*** Dataset content ***

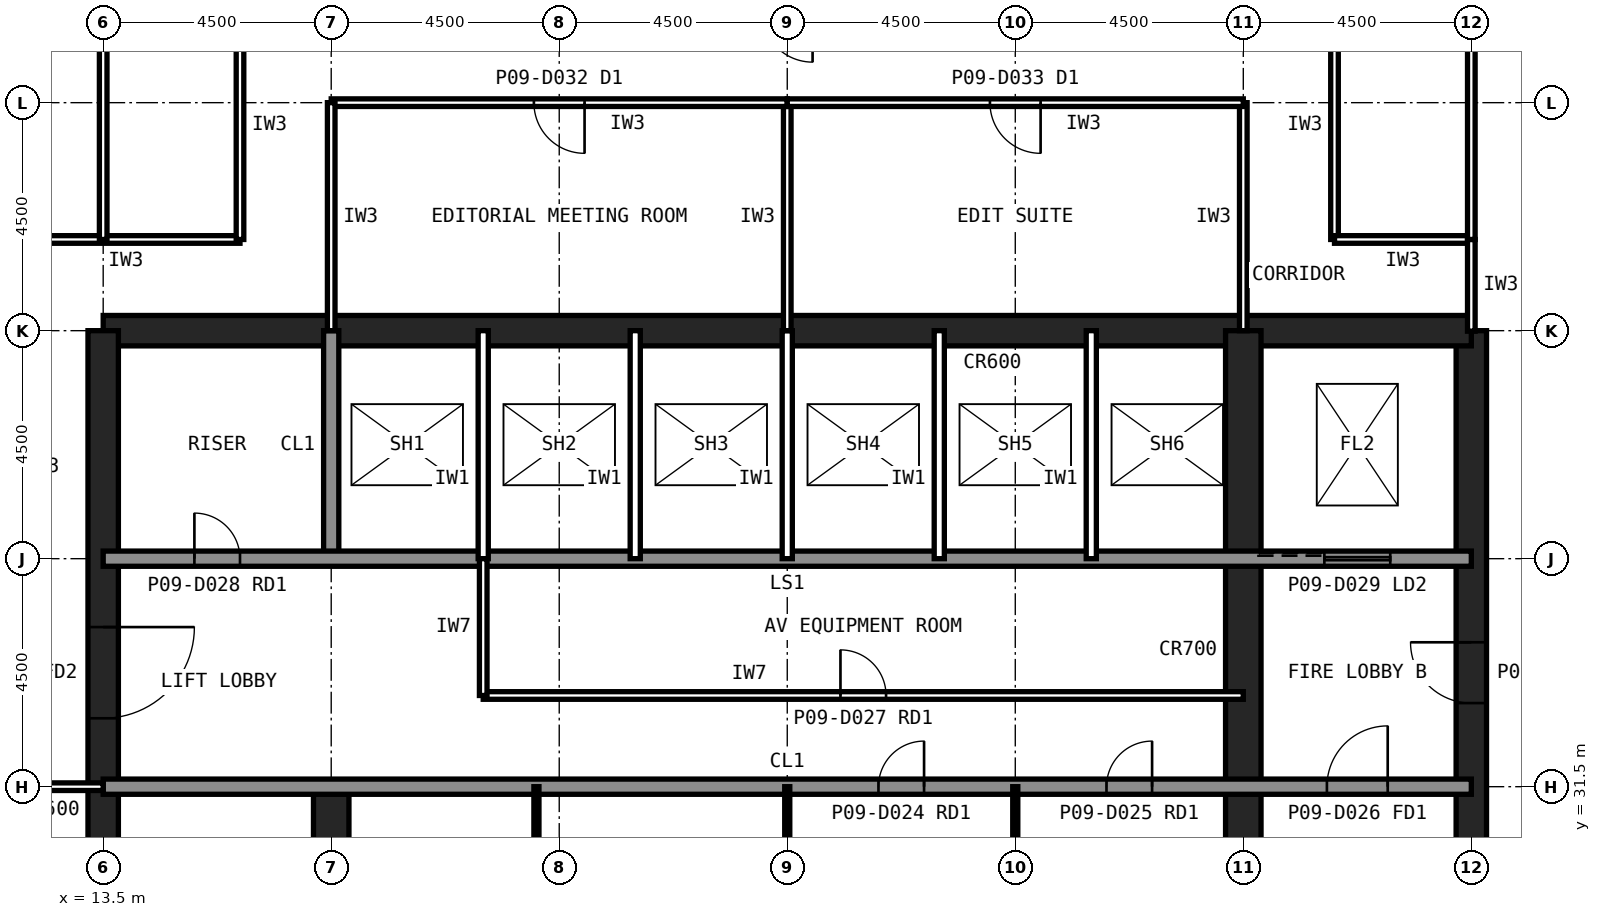
"""IFC4 building model, lengths in metres.
Left out: names, types, materials, properties, quantities, classifications, styles, units other than length and angle.
Written with IfcOpenShell. Run it as: python <this file> out.ifc"""

import sys

from ifc_helpers import new_model, si_unit, direction, frame, frame_2d, origin, place, context, subcontext, project, spatial, rectangle, extrude, element, fill, save


model = new_model("IFC4")
c1 = context("Model", 3, precision=1e-05, world=origin(), true_north=direction((0.0, 1.0)))
c2 = subcontext(c1, "Body", "Model", "MODEL_VIEW")
j1 = project(units=[si_unit("LENGTHUNIT", "METRE"), si_unit("PLANEANGLEUNIT", "RADIAN")], contexts=[c1])
p1 = place(None, origin())
s1 = spatial("IfcSite", under=j1, at=p1, CompositionType="ELEMENT")
p2 = place(p1, origin())
s2 = spatial("IfcBuilding", under=s1, at=p2, CompositionType="ELEMENT")
p3 = place(p2, frame((0.0, 0.0, 41.6)))
s3 = spatial("IfcBuildingStorey", under=s2, at=p3, CompositionType="ELEMENT", Elevation=41.6)
p4 = place(p3, frame((40.5, 13.5, 0.0), z_axis=(0.0, 0.0, 1.0), x_axis=(0.0, 1.0, 0.0)))
e1 = element("IfcWall", 1, at=p4, inside=s3, PredefinedType="SHEAR", context=c2, shape_type="SweptSolid", body=[
    extrude(rectangle(XDim=27.0, YDim=0.6, at=frame_2d((13.5, 0.0))), origin(), (0.0, 0.0, 1.0), 4.2),
])
p5 = place(p4, frame((5.85, 0.0, 0.0)))
e2 = element("IfcOpeningElement", 2, at=p5, cuts=e1, PredefinedType="OPENING", context=c2, shape_type="SweptSolid", body=[
    extrude(rectangle(XDim=1.8, YDim=2.1, at=frame_2d((0.9, 1.05))), frame((0.0, 0.31, 0.0), z_axis=(0.0, -1.0, 0.0), x_axis=(1.0, 0.0, 0.0)), (0.0, 0.0, 1.0), 0.62),
])
p6 = place(p4, frame((19.65, 0.0, 0.0)))
e3 = element("IfcOpeningElement", 3, at=p6, cuts=e1, PredefinedType="OPENING", context=c2, shape_type="SweptSolid", body=[
    extrude(rectangle(XDim=1.2, YDim=2.1, at=frame_2d((0.6, 1.05))), frame((0.0, 0.31, 0.0), z_axis=(0.0, -1.0, 0.0), x_axis=(1.0, 0.0, 0.0)), (0.0, 0.0, 1.0), 0.62),
])
p7 = place(p3, frame((40.5, 40.5, 0.0), z_axis=(0.0, 0.0, 1.0), x_axis=(-1.0, 0.0, 0.0)))
e4 = element("IfcWall", 4, at=p7, inside=s3, PredefinedType="SHEAR", context=c2, shape_type="SweptSolid", body=[
    extrude(rectangle(XDim=27.0, YDim=0.6, at=frame_2d((13.5, 0.0))), origin(), (0.0, 0.0, 1.0), 4.2),
])
p8 = place(p3, frame((13.5, 40.5, 0.0), z_axis=(0.0, 0.0, 1.0), x_axis=(0.0, -1.0, 0.0)))
e5 = element("IfcWall", 5, at=p8, inside=s3, PredefinedType="SHEAR", context=c2, shape_type="SweptSolid", body=[
    extrude(rectangle(XDim=27.0, YDim=0.6, at=frame_2d((13.5, 0.0))), origin(), (0.0, 0.0, 1.0), 4.2),
])
p9 = place(p8, frame((19.65, 0.0, 0.0)))
e6 = element("IfcOpeningElement", 6, at=p9, cuts=e5, PredefinedType="OPENING", context=c2, shape_type="SweptSolid", body=[
    extrude(rectangle(XDim=1.2, YDim=2.1, at=frame_2d((0.6, 1.05))), frame((0.0, 0.31, 0.0), z_axis=(0.0, -1.0, 0.0), x_axis=(1.0, 0.0, 0.0)), (0.0, 0.0, 1.0), 0.62),
])
p10 = place(p8, frame((5.85, 0.0, 0.0)))
e7 = element("IfcOpeningElement", 7, at=p10, cuts=e5, PredefinedType="OPENING", context=c2, shape_type="SweptSolid", body=[
    extrude(rectangle(XDim=1.8, YDim=2.1, at=frame_2d((0.9, 1.05))), frame((0.0, 0.31, 0.0), z_axis=(0.0, -1.0, 0.0), x_axis=(1.0, 0.0, 0.0)), (0.0, 0.0, 1.0), 0.62),
])
p11 = place(p3, frame((18.0, 13.5, 0.0), z_axis=(0.0, 0.0, 1.0), x_axis=(0.0, 1.0, 0.0)))
e8 = element("IfcWall", 8, at=p11, inside=s3, PredefinedType="SHEAR", context=c2, shape_type="SweptSolid", body=[
    extrude(rectangle(XDim=18.0, YDim=0.7, at=frame_2d((9.0, 0.0))), origin(), (0.0, 0.0, 1.0), 4.2),
])
p12 = place(p3, frame((18.0, 36.0, 0.0), z_axis=(0.0, 0.0, 1.0), x_axis=(0.0, 1.0, 0.0)))
e9 = element("IfcWall", 9, at=p12, inside=s3, PredefinedType="SOLIDWALL", context=c2, shape_type="SweptSolid", body=[
    extrude(rectangle(XDim=4.5, YDim=0.3, at=frame_2d((2.25, 0.0))), origin(), (0.0, 0.0, 1.0), 4.04),
])
p13 = place(p3, frame((36.0, 22.5, 0.0), z_axis=(0.0, 0.0, 1.0), x_axis=(0.0, 1.0, 0.0)))
e10 = element("IfcWall", 10, at=p13, inside=s3, PredefinedType="SHEAR", context=c2, shape_type="SweptSolid", body=[
    extrude(rectangle(XDim=18.0, YDim=0.7, at=frame_2d((9.0, 0.0))), origin(), (0.0, 0.0, 1.0), 4.2),
])
p14 = place(p3, frame((13.5, 36.0, 0.0), z_axis=(0.0, 0.0, 1.0), x_axis=(1.0, 0.0, 0.0)))
e11 = element("IfcWall", 11, at=p14, inside=s3, PredefinedType="SOLIDWALL", context=c2, shape_type="SweptSolid", body=[
    extrude(rectangle(XDim=27.0, YDim=0.3, at=frame_2d((13.5, 0.0))), origin(), (0.0, 0.0, 1.0), 4.04),
])
p15 = place(p14, frame((1.8, 0.0, 0.0)))
e12 = element("IfcOpeningElement", 12, at=p15, cuts=e11, PredefinedType="OPENING", context=c2, shape_type="SweptSolid", body=[
    extrude(rectangle(XDim=0.9, YDim=2.1, at=frame_2d((0.45, 1.05))), frame((0.0, 0.16, 0.0), z_axis=(0.0, -1.0, 0.0), x_axis=(1.0, 0.0, 0.0)), (0.0, 0.0, 1.0), 0.32),
])
p16 = place(p14, frame((24.1, 0.0, 0.0)))
e13 = element("IfcOpeningElement", 13, at=p16, cuts=e11, PredefinedType="OPENING", context=c2, shape_type="SweptSolid", body=[
    extrude(rectangle(XDim=1.3, YDim=2.2, at=frame_2d((0.65, 1.1))), frame((0.0, 0.16, 0.0), z_axis=(0.0, -1.0, 0.0), x_axis=(1.0, 0.0, 0.0)), (0.0, 0.0, 1.0), 0.32),
])
p17 = place(p3, frame((13.5, 31.5, 0.0), z_axis=(0.0, 0.0, 1.0), x_axis=(1.0, 0.0, 0.0)))
e14 = element("IfcWall", 14, at=p17, inside=s3, PredefinedType="SOLIDWALL", context=c2, shape_type="SweptSolid", body=[
    extrude(rectangle(XDim=27.0, YDim=0.3, at=frame_2d((13.5, 0.0))), origin(), (0.0, 0.0, 1.0), 4.04),
])
p18 = place(p17, frame((24.15, 0.0, 0.0)))
e15 = element("IfcOpeningElement", 15, at=p18, cuts=e14, PredefinedType="OPENING", context=c2, shape_type="SweptSolid", body=[
    extrude(rectangle(XDim=1.2, YDim=2.1, at=frame_2d((0.6, 1.05))), frame((0.0, 0.16, 0.0), z_axis=(0.0, -1.0, 0.0), x_axis=(1.0, 0.0, 0.0)), (0.0, 0.0, 1.0), 0.32),
])
p19 = place(p17, frame((15.3, 0.0, 0.0)))
e16 = element("IfcOpeningElement", 16, at=p19, cuts=e14, PredefinedType="OPENING", context=c2, shape_type="SweptSolid", body=[
    extrude(rectangle(XDim=0.9, YDim=2.1, at=frame_2d((0.45, 1.05))), frame((0.0, 0.16, 0.0), z_axis=(0.0, -1.0, 0.0), x_axis=(1.0, 0.0, 0.0)), (0.0, 0.0, 1.0), 0.32),
])
p20 = place(p17, frame((19.8, 0.0, 0.0)))
e17 = element("IfcOpeningElement", 17, at=p20, cuts=e14, PredefinedType="OPENING", context=c2, shape_type="SweptSolid", body=[
    extrude(rectangle(XDim=0.9, YDim=2.1, at=frame_2d((0.45, 1.05))), frame((0.0, 0.16, 0.0), z_axis=(0.0, -1.0, 0.0), x_axis=(1.0, 0.0, 0.0)), (0.0, 0.0, 1.0), 0.32),
])
for number, where, z_axis, x_axis in (
    (18, (21.0, 36.0, 0.0), (0.0, 0.0, 1.0), (0.0, 1.0, 0.0)),
    (19, (24.0, 36.0, 0.0), (0.0, 0.0, 1.0), (0.0, 1.0, 0.0)),
    (20, (27.0, 36.0, 0.0), (0.0, 0.0, 1.0), (0.0, 1.0, 0.0)),
    (21, (30.0, 36.0, 0.0), (0.0, 0.0, 1.0), (0.0, 1.0, 0.0)),
    (22, (33.0, 36.0, 0.0), (0.0, 0.0, 1.0), (0.0, 1.0, 0.0)),
):
    element("IfcWall", number, at=place(p3, frame(where, z_axis=z_axis, x_axis=x_axis)), inside=s3, PredefinedType="PARTITIONING", context=c2, shape_type="SweptSolid", body=[
        extrude(rectangle(XDim=4.5, YDim=0.2, at=frame_2d((2.25, 0.0))), origin(), (0.0, 0.0, 1.0), 4.04),
    ])
for number, where, z_axis, x_axis in (
    (23, (22.05, 22.5, 0.0), (0.0, 0.0, 1.0), (0.0, 1.0, 0.0)),
    (24, (27.0, 22.5, 0.0), (0.0, 0.0, 1.0), (0.0, 1.0, 0.0)),
    (25, (31.5, 22.5, 0.0), (0.0, 0.0, 1.0), (0.0, 1.0, 0.0)),
):
    element("IfcWall", number, at=place(p3, frame(where, z_axis=z_axis, x_axis=x_axis)), inside=s3, PredefinedType="PLUMBINGWALL", context=c2, shape_type="SweptSolid", body=[
        extrude(rectangle(XDim=9.0, YDim=0.1, at=frame_2d((4.5, 0.0))), origin(), (0.0, 0.0, 1.0), 4.04),
    ])
p21 = place(p3, frame((21.0, 33.3, 0.0), z_axis=(0.0, 0.0, 1.0), x_axis=(1.0, 0.0, 0.0)))
e26 = element("IfcWall", 26, at=p21, inside=s3, PredefinedType="PARTITIONING", context=c2, shape_type="SweptSolid", body=[
    extrude(rectangle(XDim=15.0, YDim=0.15, at=frame_2d((7.5, 0.0))), origin(), (0.0, 0.0, 1.0), 4.04),
])
p22 = place(p21, frame((7.05, 0.0, 0.0)))
e27 = element("IfcOpeningElement", 27, at=p22, cuts=e26, PredefinedType="OPENING", context=c2, shape_type="SweptSolid", body=[
    extrude(rectangle(XDim=0.9, YDim=2.1, at=frame_2d((0.45, 1.05))), frame((0.0, 0.085, 0.0), z_axis=(0.0, -1.0, 0.0), x_axis=(1.0, 0.0, 0.0)), (0.0, 0.0, 1.0), 0.17),
])
p23 = place(p3, frame((21.0, 33.3, 0.0), z_axis=(0.0, 0.0, 1.0), x_axis=(0.0, 1.0, 0.0)))
e28 = element("IfcWall", 28, at=p23, inside=s3, PredefinedType="PARTITIONING", context=c2, shape_type="SweptSolid", body=[
    extrude(rectangle(XDim=2.7, YDim=0.15, at=frame_2d((1.35, 0.0))), origin(), (0.0, 0.0, 1.0), 4.04),
])
for number, where, z_axis, x_axis in (
    (29, (16.2, 42.3, 0.0), (0.0, 0.0, 1.0), (-1.0, 0.0, 0.0)),
    (30, (16.2, 46.8, 0.0), (0.0, 0.0, 1.0), (0.0, -1.0, 0.0)),
    (31, (37.8, 42.3, 0.0), (0.0, 0.0, 1.0), (0.0, 1.0, 0.0)),
):
    element("IfcWall", number, at=place(p3, frame(where, z_axis=z_axis, x_axis=x_axis)), inside=s3, PredefinedType="PARTITIONING", context=c2, shape_type="SweptSolid", body=[
        extrude(rectangle(XDim=4.5, YDim=0.15, at=frame_2d((2.25, 0.0))), origin(), (0.0, 0.0, 1.0), 4.04),
    ])
p24 = place(p3, frame((40.5, 42.3, 0.0), z_axis=(0.0, 0.0, 1.0), x_axis=(-1.0, 0.0, 0.0)))
e32 = element("IfcWall", 32, at=p24, inside=s3, PredefinedType="PARTITIONING", context=c2, shape_type="SweptSolid", body=[
    extrude(rectangle(XDim=2.7, YDim=0.15, at=frame_2d((1.35, 0.0))), origin(), (0.0, 0.0, 1.0), 4.04),
])
p25 = place(p3, frame((40.5, 40.49, 0.0), z_axis=(0.0, 0.0, 1.0), x_axis=(0.0, 1.0, 0.0)))
e33 = element("IfcWall", 33, at=p25, inside=s3, PredefinedType="PARTITIONING", context=c2, shape_type="SweptSolid", body=[
    extrude(rectangle(XDim=1.81, YDim=0.15, at=frame_2d((0.905, 0.0))), origin(), (0.0, 0.0, 1.0), 3.189),
])
p26 = place(p3, frame((27.0, 40.5, 0.0), z_axis=(0.0, 0.0, 1.0), x_axis=(0.0, 1.0, 0.0)))
e34 = element("IfcWall", 34, at=p26, inside=s3, PredefinedType="PARTITIONING", context=c2, shape_type="SweptSolid", body=[
    extrude(rectangle(XDim=4.5, YDim=0.15, at=frame_2d((2.25, 0.0))), origin(), (0.0, 0.0, 1.0), 3.189),
])
p27 = place(p3, frame((27.0, 45.0, 0.0), z_axis=(0.0, 0.0, 1.0), x_axis=(-1.0, 0.0, 0.0)))
e35 = element("IfcWall", 35, at=p27, inside=s3, PredefinedType="PARTITIONING", context=c2, shape_type="SweptSolid", body=[
    extrude(rectangle(XDim=9.0, YDim=0.15, at=frame_2d((4.5, 0.0))), origin(), (0.0, 0.0, 1.0), 4.04),
])
p28 = place(p27, frame((4.0, 0.0, 0.0)))
e36 = element("IfcOpeningElement", 36, at=p28, cuts=e35, PredefinedType="OPENING", context=c2, shape_type="SweptSolid", body=[
    extrude(rectangle(XDim=1.0, YDim=2.1, at=frame_2d((0.5, 1.05))), frame((0.0, 0.085, 0.0), z_axis=(0.0, -1.0, 0.0), x_axis=(1.0, 0.0, 0.0)), (0.0, 0.0, 1.0), 0.17),
])
for number, where, z_axis, x_axis in (
    (37, (18.0, 45.0, 0.0), (0.0, 0.0, 1.0), (0.0, -1.0, 0.0)),
    (38, (36.0, 40.5, 0.0), (0.0, 0.0, 1.0), (0.0, 1.0, 0.0)),
):
    element("IfcWall", number, at=place(p3, frame(where, z_axis=z_axis, x_axis=x_axis)), inside=s3, PredefinedType="PARTITIONING", context=c2, shape_type="SweptSolid", body=[
        extrude(rectangle(XDim=4.5, YDim=0.15, at=frame_2d((2.25, 0.0))), origin(), (0.0, 0.0, 1.0), 3.189),
    ])
p29 = place(p3, frame((36.0, 45.0, 0.0), z_axis=(0.0, 0.0, 1.0), x_axis=(-1.0, 0.0, 0.0)))
e39 = element("IfcWall", 39, at=p29, inside=s3, PredefinedType="PARTITIONING", context=c2, shape_type="SweptSolid", body=[
    extrude(rectangle(XDim=9.0, YDim=0.15, at=frame_2d((4.5, 0.0))), origin(), (0.0, 0.0, 1.0), 4.04),
])
p30 = place(p29, frame((4.0, 0.0, 0.0)))
e40 = element("IfcOpeningElement", 40, at=p30, cuts=e39, PredefinedType="OPENING", context=c2, shape_type="SweptSolid", body=[
    extrude(rectangle(XDim=1.0, YDim=2.1, at=frame_2d((0.5, 1.05))), frame((0.0, 0.085, 0.0), z_axis=(0.0, -1.0, 0.0), x_axis=(1.0, 0.0, 0.0)), (0.0, 0.0, 1.0), 0.17),
])
p31 = place(p3, frame((13.5, 31.5, 0.0), z_axis=(0.0, 0.0, 1.0), x_axis=(-1.0, 0.0, 0.0)))
e41 = element("IfcWall", 41, at=p31, inside=s3, PredefinedType="PARTITIONING", context=c2, shape_type="SweptSolid", body=[
    extrude(rectangle(XDim=4.5, YDim=0.15, at=frame_2d((2.25, 0.0))), origin(), (0.0, 0.0, 1.0), 3.189),
])
p32 = place(p3, frame((40.5, 53.53, 0.0), z_axis=(0.0, 0.0, 1.0), x_axis=(0.0, -1.0, 0.0)))
e42 = element("IfcWall", 42, at=p32, inside=s3, PredefinedType="PARTITIONING", context=c2, shape_type="SweptSolid", body=[
    extrude(rectangle(XDim=11.23, YDim=0.15, at=frame_2d((5.615, 0.0))), origin(), (0.0, 0.0, 1.0), 3.189),
])
p33 = place(p32, frame((5.115, 0.0, 0.0)))
e43 = element("IfcOpeningElement", 43, at=p33, cuts=e42, PredefinedType="OPENING", context=c2, shape_type="SweptSolid", body=[
    extrude(rectangle(XDim=1.0, YDim=2.1, at=frame_2d((0.5, 1.05))), frame((0.0, 0.085, 0.0), z_axis=(0.0, -1.0, 0.0), x_axis=(1.0, 0.0, 0.0)), (0.0, 0.0, 1.0), 0.17),
])
p34 = place(p3, frame((13.5, 42.3, 0.0), z_axis=(0.0, 0.0, 1.0), x_axis=(0.0, 1.0, 0.0)))
e44 = element("IfcWall", 44, at=p34, inside=s3, PredefinedType="PARTITIONING", context=c2, shape_type="SweptSolid", body=[
    extrude(rectangle(XDim=11.23, YDim=0.15, at=frame_2d((5.615, 0.0))), origin(), (0.0, 0.0, 1.0), 3.189),
])
p35 = place(p34, frame((5.115, 0.0, 0.0)))
e45 = element("IfcOpeningElement", 45, at=p35, cuts=e44, PredefinedType="OPENING", context=c2, shape_type="SweptSolid", body=[
    extrude(rectangle(XDim=1.0, YDim=2.1, at=frame_2d((0.5, 1.05))), frame((0.0, 0.085, 0.0), z_axis=(0.0, -1.0, 0.0), x_axis=(1.0, 0.0, 0.0)), (0.0, 0.0, 1.0), 0.17),
])
p36 = place(p10, origin())
e46 = element("IfcDoor", 46, at=p36, inside=s3, OperationType="SINGLE_SWING_LEFT", PredefinedType="DOOR", context=c2, shape_type="SweptSolid", body=[
    extrude(rectangle(XDim=1.8, YDim=2.1, at=frame_2d((0.9, 1.05))), frame((0.0, 0.025, 0.0), z_axis=(0.0, -1.0, 0.0), x_axis=(1.0, 0.0, 0.0)), (0.0, 0.0, 1.0), 0.05),
])
fill(e7, e46)
p37 = place(p6, origin())
e47 = element("IfcDoor", 47, at=p37, inside=s3, OperationType="SINGLE_SWING_RIGHT", PredefinedType="DOOR", context=c2, shape_type="SweptSolid", body=[
    extrude(rectangle(XDim=1.2, YDim=2.1, at=frame_2d((0.6, 1.05))), frame((0.0, 0.025, 0.0), z_axis=(0.0, -1.0, 0.0), x_axis=(1.0, 0.0, 0.0)), (0.0, 0.0, 1.0), 0.05),
])
fill(e3, e47)
p38 = place(p18, origin())
e48 = element("IfcDoor", 48, at=p38, inside=s3, OperationType="SINGLE_SWING_RIGHT", PredefinedType="DOOR", context=c2, shape_type="SweptSolid", body=[
    extrude(rectangle(XDim=1.2, YDim=2.1, at=frame_2d((0.6, 1.05))), frame((0.0, 0.025, 0.0), z_axis=(0.0, -1.0, 0.0), x_axis=(1.0, 0.0, 0.0)), (0.0, 0.0, 1.0), 0.05),
])
fill(e15, e48)
p39 = place(p19, origin())
e49 = element("IfcDoor", 49, at=p39, inside=s3, OperationType="SINGLE_SWING_RIGHT", PredefinedType="DOOR", context=c2, shape_type="SweptSolid", body=[
    extrude(rectangle(XDim=0.9, YDim=2.1, at=frame_2d((0.45, 1.05))), frame((0.0, 0.025, 0.0), z_axis=(0.0, -1.0, 0.0), x_axis=(1.0, 0.0, 0.0)), (0.0, 0.0, 1.0), 0.05),
])
fill(e16, e49)
p40 = place(p20, origin())
e50 = element("IfcDoor", 50, at=p40, inside=s3, OperationType="SINGLE_SWING_RIGHT", PredefinedType="DOOR", context=c2, shape_type="SweptSolid", body=[
    extrude(rectangle(XDim=0.9, YDim=2.1, at=frame_2d((0.45, 1.05))), frame((0.0, 0.025, 0.0), z_axis=(0.0, -1.0, 0.0), x_axis=(1.0, 0.0, 0.0)), (0.0, 0.0, 1.0), 0.05),
])
fill(e17, e50)
p41 = place(p15, origin())
e51 = element("IfcDoor", 51, at=p41, inside=s3, OperationType="SINGLE_SWING_LEFT", PredefinedType="DOOR", context=c2, shape_type="SweptSolid", body=[
    extrude(rectangle(XDim=0.9, YDim=2.1, at=frame_2d((0.45, 1.05))), frame((0.0, 0.025, 0.0), z_axis=(0.0, -1.0, 0.0), x_axis=(1.0, 0.0, 0.0)), (0.0, 0.0, 1.0), 0.05),
])
fill(e12, e51)
p42 = place(p22, origin())
e52 = element("IfcDoor", 52, at=p42, inside=s3, OperationType="SINGLE_SWING_LEFT", PredefinedType="DOOR", context=c2, shape_type="SweptSolid", body=[
    extrude(rectangle(XDim=0.9, YDim=2.1, at=frame_2d((0.45, 1.05))), frame((0.0, 0.025, 0.0), z_axis=(0.0, -1.0, 0.0), x_axis=(1.0, 0.0, 0.0)), (0.0, 0.0, 1.0), 0.05),
])
fill(e27, e52)
p43 = place(p16, origin())
e53 = element("IfcDoor", 53, at=p43, inside=s3, OperationType="SLIDING_TO_LEFT", PredefinedType="DOOR", context=c2, shape_type="SweptSolid", body=[
    extrude(rectangle(XDim=1.3, YDim=2.2, at=frame_2d((0.65, 1.1))), frame((0.0, 0.025, 0.0), z_axis=(0.0, -1.0, 0.0), x_axis=(1.0, 0.0, 0.0)), (0.0, 0.0, 1.0), 0.05),
])
fill(e13, e53)
p44 = place(p28, origin())
e54 = element("IfcDoor", 54, at=p44, inside=s3, OperationType="SINGLE_SWING_LEFT", PredefinedType="DOOR", context=c2, shape_type="SweptSolid", body=[
    extrude(rectangle(XDim=1.0, YDim=2.1, at=frame_2d((0.5, 1.05))), frame((0.0, 0.025, 0.0), z_axis=(0.0, -1.0, 0.0), x_axis=(1.0, 0.0, 0.0)), (0.0, 0.0, 1.0), 0.05),
])
fill(e36, e54)
p45 = place(p30, origin())
e55 = element("IfcDoor", 55, at=p45, inside=s3, OperationType="SINGLE_SWING_LEFT", PredefinedType="DOOR", context=c2, shape_type="SweptSolid", body=[
    extrude(rectangle(XDim=1.0, YDim=2.1, at=frame_2d((0.5, 1.05))), frame((0.0, 0.025, 0.0), z_axis=(0.0, -1.0, 0.0), x_axis=(1.0, 0.0, 0.0)), (0.0, 0.0, 1.0), 0.05),
])
fill(e40, e55)
save(model, sys.argv[1])

*** End of Dataset content ***

* _What the task requires_
Which lines hold the string "SOLIDWALL"? Copy all of them from the data above.

* _Solved problem_
e9 = element("IfcWall", 9, at=p12, inside=s3, PredefinedType="SOLIDWALL", context=c2, shape_type="SweptSolid", body=[
e11 = element("IfcWall", 11, at=p14, inside=s3, PredefinedType="SOLIDWALL", context=c2, shape_type="SweptSolid", body=[
e14 = element("IfcWall", 14, at=p17, inside=s3, PredefinedType="SOLIDWALL", context=c2, shape_type="SweptSolid", body=[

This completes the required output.